**Exercise input**
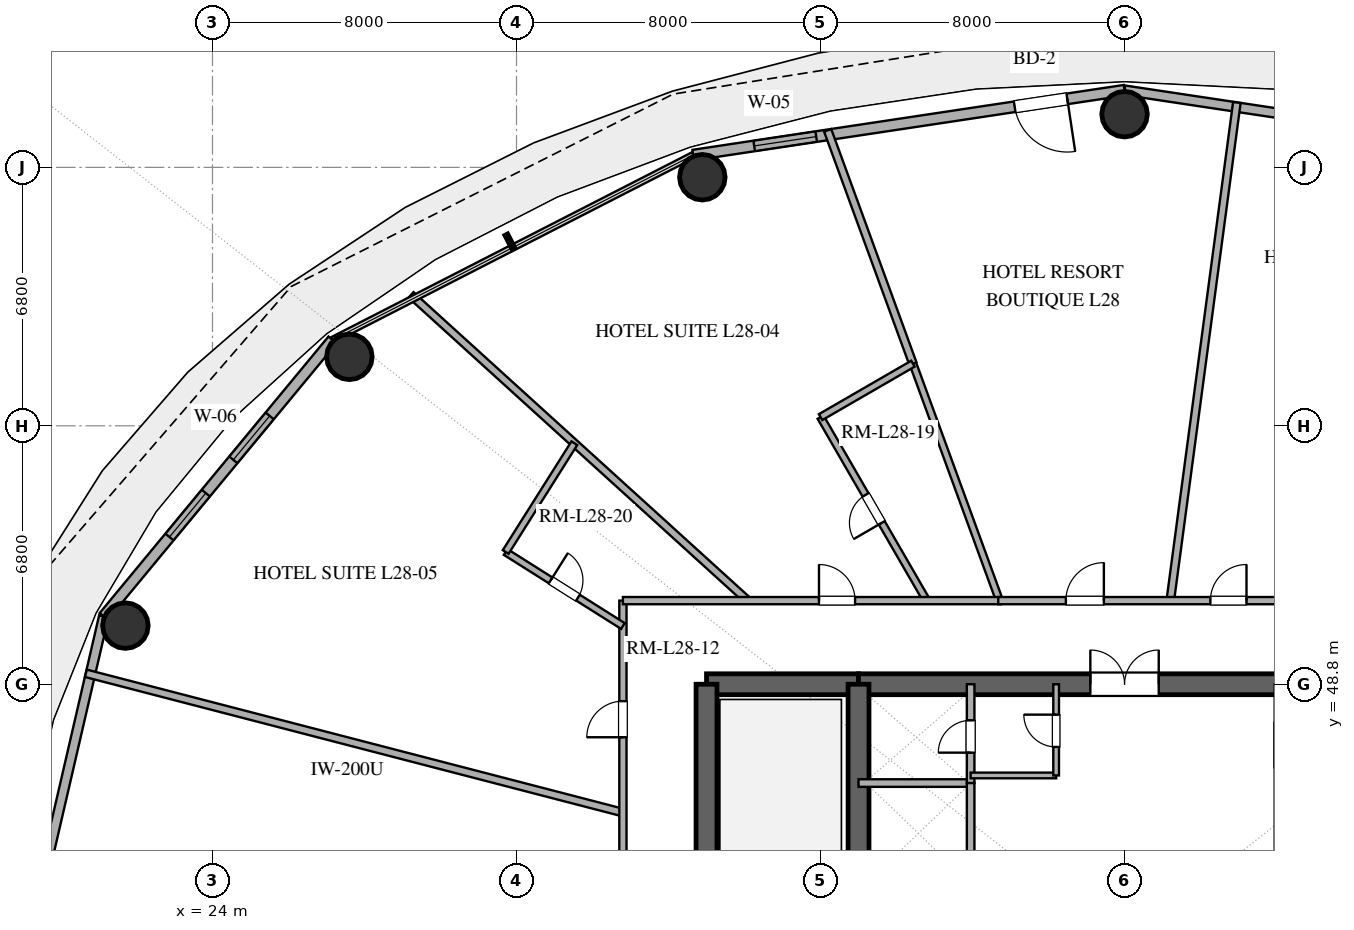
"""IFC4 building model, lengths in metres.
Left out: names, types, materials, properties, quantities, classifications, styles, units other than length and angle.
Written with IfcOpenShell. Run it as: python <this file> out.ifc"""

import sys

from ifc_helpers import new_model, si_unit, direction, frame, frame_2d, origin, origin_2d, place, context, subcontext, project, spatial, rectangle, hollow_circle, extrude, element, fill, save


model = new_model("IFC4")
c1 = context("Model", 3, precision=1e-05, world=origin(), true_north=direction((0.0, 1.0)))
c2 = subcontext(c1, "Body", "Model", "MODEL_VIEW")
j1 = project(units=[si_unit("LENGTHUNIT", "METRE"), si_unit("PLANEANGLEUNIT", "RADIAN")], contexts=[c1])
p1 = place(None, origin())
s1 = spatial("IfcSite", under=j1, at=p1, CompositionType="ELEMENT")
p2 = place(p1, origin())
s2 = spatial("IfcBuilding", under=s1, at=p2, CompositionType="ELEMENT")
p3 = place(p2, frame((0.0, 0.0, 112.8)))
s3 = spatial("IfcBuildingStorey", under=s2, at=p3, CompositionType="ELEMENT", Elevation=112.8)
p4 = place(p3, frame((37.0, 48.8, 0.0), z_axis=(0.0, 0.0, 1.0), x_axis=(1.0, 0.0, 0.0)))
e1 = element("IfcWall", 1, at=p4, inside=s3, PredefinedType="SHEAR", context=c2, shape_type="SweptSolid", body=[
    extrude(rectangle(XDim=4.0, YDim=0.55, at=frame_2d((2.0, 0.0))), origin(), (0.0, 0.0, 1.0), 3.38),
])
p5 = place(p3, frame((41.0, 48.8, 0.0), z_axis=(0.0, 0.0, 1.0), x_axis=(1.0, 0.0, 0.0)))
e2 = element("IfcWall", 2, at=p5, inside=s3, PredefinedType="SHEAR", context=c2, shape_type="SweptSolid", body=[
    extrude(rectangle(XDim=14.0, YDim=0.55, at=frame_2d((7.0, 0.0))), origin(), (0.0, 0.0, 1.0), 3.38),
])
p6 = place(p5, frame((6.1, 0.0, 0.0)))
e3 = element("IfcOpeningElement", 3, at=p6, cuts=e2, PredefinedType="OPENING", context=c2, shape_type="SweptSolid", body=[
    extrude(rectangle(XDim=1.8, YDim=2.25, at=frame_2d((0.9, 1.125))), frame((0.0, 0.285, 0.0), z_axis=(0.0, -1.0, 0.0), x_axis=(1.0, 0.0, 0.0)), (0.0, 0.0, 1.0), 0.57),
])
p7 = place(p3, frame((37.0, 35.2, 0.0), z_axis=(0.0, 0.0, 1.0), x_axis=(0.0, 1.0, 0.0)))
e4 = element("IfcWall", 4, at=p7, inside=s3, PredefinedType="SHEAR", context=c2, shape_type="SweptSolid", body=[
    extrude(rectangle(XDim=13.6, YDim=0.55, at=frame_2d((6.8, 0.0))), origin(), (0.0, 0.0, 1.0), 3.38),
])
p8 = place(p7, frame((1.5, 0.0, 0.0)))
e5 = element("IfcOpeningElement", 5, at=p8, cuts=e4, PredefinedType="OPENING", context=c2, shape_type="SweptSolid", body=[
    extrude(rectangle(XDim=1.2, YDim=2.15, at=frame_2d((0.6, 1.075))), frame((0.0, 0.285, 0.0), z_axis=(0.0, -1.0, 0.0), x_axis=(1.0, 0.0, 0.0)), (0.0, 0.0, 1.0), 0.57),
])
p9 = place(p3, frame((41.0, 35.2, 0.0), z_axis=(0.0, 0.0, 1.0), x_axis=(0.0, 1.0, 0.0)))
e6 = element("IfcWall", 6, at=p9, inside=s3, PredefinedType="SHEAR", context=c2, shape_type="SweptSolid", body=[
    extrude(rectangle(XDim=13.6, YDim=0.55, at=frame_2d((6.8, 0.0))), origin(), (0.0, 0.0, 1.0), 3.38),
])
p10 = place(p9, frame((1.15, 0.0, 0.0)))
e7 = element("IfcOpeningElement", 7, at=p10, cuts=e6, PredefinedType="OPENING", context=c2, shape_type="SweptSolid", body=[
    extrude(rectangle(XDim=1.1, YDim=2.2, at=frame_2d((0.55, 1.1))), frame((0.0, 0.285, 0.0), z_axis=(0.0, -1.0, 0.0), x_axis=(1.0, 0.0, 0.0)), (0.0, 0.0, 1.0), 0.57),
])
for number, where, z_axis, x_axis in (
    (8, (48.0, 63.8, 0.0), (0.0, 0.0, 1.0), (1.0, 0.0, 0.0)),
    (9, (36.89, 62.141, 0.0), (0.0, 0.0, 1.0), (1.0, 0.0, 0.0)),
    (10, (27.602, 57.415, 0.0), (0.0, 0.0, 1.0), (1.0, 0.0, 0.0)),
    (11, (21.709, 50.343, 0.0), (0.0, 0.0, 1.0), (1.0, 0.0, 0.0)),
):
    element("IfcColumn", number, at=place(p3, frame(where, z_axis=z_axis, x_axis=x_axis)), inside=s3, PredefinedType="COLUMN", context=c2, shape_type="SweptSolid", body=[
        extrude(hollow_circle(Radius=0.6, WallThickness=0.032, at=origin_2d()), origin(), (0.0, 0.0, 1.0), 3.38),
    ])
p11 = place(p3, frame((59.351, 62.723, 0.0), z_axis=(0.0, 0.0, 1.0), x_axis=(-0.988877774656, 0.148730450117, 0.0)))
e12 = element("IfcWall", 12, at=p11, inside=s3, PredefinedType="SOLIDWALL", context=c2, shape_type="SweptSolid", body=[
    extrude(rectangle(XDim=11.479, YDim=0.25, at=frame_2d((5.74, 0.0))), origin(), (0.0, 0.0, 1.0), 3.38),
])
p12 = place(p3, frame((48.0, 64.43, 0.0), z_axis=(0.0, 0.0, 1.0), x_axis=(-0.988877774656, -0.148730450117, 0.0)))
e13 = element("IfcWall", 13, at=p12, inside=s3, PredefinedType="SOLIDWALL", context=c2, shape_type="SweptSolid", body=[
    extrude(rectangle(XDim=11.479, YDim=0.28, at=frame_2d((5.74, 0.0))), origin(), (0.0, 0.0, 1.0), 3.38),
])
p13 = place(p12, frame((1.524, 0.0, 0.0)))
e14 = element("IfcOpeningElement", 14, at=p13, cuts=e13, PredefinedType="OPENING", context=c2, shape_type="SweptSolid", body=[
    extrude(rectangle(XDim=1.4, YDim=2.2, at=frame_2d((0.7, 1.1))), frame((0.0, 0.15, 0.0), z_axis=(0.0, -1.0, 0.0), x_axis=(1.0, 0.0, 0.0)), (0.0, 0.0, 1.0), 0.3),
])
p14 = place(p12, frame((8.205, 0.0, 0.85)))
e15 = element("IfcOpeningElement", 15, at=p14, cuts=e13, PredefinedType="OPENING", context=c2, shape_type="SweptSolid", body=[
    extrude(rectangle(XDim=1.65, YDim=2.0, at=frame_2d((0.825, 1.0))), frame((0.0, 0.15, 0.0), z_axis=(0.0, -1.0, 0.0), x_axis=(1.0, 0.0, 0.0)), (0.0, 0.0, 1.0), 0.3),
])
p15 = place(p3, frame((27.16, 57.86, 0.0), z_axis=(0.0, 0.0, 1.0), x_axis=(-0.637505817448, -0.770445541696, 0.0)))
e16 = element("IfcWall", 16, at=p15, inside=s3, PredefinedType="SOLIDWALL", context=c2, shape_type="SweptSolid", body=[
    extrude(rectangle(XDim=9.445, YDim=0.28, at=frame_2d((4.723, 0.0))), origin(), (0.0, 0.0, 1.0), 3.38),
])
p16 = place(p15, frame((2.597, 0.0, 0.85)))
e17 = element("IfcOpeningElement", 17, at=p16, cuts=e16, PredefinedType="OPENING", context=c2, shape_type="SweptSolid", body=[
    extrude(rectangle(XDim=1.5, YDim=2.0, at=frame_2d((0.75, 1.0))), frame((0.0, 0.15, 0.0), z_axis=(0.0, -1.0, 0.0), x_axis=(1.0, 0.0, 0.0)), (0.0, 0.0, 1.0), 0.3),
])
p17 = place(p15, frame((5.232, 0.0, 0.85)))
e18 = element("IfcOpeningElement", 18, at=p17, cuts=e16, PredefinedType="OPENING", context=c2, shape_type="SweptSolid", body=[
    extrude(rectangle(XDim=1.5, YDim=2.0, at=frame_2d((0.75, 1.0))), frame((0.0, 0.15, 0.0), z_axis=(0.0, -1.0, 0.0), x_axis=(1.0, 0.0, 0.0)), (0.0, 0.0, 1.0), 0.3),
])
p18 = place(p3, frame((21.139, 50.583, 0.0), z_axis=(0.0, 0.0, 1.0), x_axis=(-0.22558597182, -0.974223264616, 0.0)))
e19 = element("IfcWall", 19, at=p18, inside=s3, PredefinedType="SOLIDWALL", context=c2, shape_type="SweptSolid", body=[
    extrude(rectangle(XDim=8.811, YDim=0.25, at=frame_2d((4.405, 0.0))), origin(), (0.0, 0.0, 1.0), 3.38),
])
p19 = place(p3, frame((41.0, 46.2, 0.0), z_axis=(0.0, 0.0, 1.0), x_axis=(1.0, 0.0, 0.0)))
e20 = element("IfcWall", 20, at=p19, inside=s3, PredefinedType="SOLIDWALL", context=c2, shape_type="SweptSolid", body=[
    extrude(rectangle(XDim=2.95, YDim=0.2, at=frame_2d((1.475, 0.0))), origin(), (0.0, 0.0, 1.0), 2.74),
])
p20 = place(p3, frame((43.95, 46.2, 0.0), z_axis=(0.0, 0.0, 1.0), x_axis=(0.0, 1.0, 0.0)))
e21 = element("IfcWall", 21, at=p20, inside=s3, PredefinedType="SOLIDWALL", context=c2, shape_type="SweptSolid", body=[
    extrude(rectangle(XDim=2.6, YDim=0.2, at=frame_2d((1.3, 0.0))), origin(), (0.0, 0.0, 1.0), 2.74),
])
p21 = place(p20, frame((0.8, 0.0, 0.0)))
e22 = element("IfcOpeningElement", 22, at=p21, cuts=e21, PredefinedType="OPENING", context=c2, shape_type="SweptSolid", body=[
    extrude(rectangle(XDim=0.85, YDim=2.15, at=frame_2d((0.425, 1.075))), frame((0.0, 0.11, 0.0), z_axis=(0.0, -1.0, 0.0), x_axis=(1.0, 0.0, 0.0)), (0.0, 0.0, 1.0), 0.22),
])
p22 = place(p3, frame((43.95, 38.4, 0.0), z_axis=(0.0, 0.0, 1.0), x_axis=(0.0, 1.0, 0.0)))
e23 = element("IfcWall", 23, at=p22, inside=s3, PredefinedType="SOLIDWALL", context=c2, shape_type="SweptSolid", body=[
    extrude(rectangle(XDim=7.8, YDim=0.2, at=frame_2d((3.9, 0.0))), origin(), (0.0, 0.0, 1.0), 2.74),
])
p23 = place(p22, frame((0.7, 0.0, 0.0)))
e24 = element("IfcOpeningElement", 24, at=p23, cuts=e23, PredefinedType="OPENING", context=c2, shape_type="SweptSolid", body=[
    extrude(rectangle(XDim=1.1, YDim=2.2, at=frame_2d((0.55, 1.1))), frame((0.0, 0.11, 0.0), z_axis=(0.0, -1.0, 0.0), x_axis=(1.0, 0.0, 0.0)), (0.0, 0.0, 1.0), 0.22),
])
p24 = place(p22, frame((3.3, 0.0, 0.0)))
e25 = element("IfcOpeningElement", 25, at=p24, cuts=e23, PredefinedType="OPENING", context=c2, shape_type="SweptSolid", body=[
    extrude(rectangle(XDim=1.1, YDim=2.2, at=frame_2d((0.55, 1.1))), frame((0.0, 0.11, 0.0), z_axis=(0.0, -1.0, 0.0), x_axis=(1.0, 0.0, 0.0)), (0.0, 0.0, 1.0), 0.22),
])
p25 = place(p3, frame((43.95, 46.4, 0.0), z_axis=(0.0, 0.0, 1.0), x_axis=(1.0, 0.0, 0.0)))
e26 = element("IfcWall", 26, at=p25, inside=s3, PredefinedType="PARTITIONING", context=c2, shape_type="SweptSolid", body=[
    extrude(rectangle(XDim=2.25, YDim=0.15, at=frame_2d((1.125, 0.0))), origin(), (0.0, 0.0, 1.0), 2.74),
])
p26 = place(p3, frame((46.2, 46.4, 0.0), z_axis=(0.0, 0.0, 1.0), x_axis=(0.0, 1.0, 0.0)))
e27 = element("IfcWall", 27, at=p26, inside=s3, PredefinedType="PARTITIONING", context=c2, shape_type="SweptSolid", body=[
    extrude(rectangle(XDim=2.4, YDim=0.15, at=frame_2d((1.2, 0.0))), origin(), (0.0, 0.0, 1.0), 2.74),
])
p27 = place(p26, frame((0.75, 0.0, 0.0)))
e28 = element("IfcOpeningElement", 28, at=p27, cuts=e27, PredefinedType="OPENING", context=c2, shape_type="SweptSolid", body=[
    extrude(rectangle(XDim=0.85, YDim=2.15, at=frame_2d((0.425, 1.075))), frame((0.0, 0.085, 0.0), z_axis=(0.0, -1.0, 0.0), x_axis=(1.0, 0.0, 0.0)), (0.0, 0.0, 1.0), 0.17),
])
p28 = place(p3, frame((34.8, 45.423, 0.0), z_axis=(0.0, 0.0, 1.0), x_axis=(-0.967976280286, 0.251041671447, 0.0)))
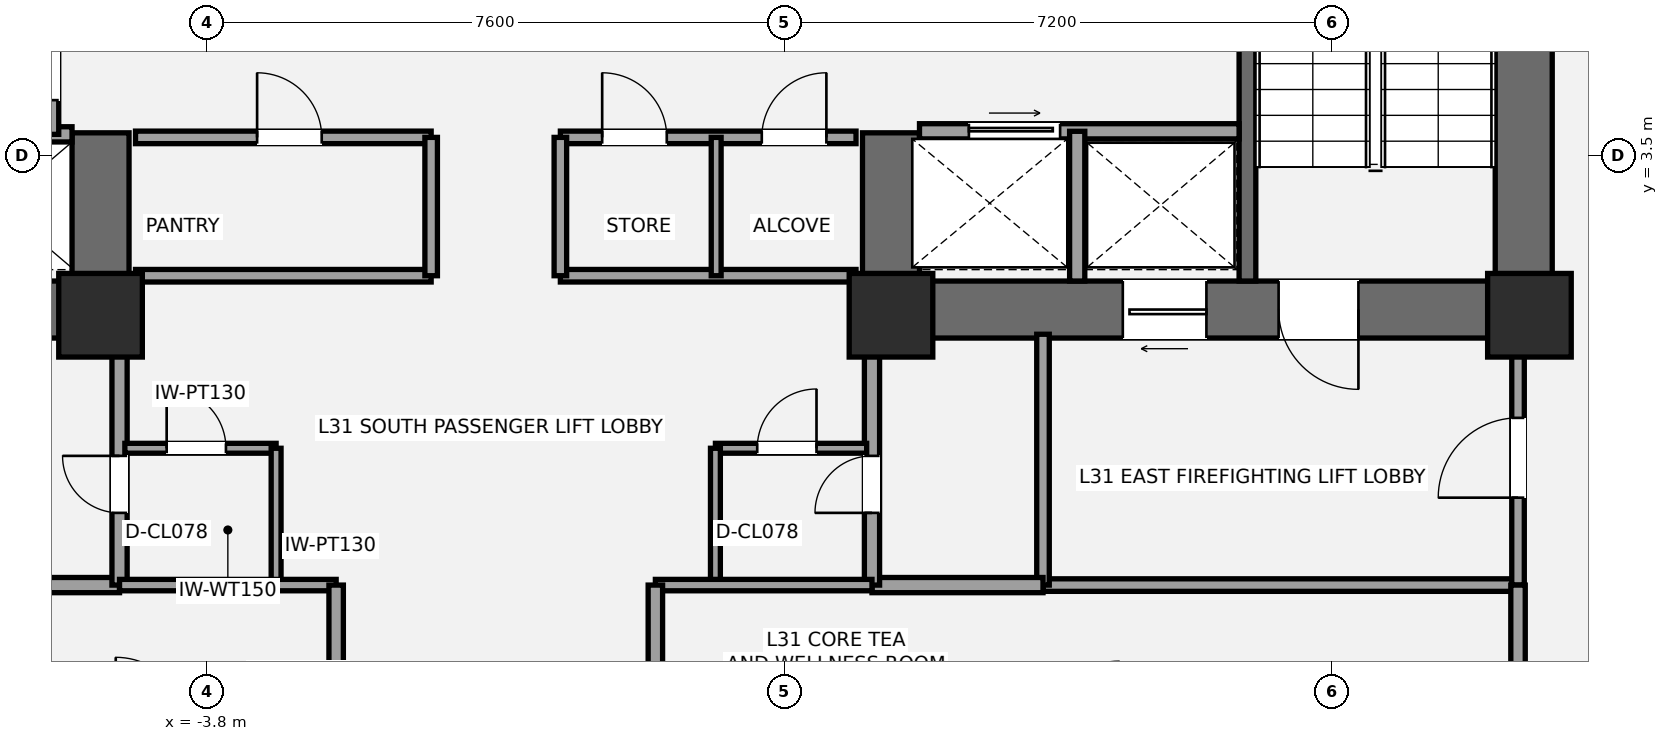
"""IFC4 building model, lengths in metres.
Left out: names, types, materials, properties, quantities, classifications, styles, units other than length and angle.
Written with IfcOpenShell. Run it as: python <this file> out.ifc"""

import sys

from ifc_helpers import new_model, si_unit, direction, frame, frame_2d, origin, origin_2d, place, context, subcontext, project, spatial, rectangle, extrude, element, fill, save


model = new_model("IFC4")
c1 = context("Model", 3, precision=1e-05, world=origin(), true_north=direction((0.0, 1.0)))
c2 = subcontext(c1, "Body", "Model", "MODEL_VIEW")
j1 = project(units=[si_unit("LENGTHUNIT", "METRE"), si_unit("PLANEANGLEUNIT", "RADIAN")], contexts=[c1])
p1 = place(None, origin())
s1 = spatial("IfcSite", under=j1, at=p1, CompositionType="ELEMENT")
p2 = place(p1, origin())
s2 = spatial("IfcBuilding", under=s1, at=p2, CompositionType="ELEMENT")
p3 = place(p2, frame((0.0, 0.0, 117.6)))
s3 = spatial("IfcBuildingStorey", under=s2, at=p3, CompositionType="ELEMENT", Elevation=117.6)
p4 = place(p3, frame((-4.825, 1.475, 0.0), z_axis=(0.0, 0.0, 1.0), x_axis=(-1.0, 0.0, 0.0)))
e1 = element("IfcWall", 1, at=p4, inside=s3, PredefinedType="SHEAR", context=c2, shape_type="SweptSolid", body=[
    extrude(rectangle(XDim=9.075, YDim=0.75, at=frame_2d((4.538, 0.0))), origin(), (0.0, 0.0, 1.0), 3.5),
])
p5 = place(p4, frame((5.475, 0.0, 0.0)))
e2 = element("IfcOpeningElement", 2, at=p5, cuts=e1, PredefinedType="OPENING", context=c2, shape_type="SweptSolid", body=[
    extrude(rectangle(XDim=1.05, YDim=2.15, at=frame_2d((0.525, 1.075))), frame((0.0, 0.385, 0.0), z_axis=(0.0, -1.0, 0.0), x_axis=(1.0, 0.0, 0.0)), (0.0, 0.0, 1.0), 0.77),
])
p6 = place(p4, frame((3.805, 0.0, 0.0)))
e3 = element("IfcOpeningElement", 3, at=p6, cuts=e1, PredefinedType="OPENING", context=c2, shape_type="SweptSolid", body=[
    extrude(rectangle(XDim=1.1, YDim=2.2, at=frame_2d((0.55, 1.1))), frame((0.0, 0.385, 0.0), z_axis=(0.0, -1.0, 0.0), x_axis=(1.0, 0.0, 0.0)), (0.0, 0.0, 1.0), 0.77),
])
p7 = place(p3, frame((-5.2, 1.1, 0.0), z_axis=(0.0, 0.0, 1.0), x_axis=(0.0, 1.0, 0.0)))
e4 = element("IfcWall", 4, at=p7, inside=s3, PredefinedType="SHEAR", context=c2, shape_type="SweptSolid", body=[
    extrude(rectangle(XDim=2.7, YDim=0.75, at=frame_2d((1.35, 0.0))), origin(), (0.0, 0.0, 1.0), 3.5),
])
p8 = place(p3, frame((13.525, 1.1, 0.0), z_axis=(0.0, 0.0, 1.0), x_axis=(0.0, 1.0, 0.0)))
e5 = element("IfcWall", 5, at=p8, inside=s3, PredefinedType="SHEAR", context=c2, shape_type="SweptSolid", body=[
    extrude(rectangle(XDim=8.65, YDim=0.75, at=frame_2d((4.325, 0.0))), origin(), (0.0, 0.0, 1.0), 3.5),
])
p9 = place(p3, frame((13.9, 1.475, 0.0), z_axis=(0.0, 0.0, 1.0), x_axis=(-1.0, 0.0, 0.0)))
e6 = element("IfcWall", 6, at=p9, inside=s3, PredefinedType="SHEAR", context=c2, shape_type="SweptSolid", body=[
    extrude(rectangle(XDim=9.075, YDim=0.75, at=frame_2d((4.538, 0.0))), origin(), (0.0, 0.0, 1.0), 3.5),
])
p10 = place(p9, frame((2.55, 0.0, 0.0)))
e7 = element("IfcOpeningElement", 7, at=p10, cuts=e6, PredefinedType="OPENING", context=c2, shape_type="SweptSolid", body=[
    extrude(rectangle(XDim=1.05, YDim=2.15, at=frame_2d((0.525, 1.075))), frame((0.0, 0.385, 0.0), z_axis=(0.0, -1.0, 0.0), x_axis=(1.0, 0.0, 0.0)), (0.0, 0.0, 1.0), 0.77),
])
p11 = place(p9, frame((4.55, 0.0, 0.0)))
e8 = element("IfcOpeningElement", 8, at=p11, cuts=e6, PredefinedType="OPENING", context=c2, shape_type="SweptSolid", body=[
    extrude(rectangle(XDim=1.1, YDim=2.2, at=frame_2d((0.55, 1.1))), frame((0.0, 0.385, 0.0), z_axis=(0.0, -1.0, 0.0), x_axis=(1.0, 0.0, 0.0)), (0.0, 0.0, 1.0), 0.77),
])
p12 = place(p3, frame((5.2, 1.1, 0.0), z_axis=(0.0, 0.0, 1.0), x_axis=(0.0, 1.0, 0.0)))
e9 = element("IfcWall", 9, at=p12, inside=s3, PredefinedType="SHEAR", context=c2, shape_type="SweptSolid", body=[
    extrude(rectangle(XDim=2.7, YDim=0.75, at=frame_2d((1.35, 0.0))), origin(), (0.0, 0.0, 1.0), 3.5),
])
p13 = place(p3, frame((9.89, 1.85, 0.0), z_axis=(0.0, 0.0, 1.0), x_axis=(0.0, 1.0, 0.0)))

**Goal of the exercise**
The lines to copy are those in the listing that contain "fill".

**Your response**
from ifc_helpers import new_model, si_unit, direction, frame, frame_2d, origin, origin_2d, place, context, subcontext, project, spatial, rectangle, hollow_circle, extrude, element, fill, save
from ifc_helpers import new_model, si_unit, direction, frame, frame_2d, origin, origin_2d, place, context, subcontext, project, spatial, rectangle, extrude, element, fill, save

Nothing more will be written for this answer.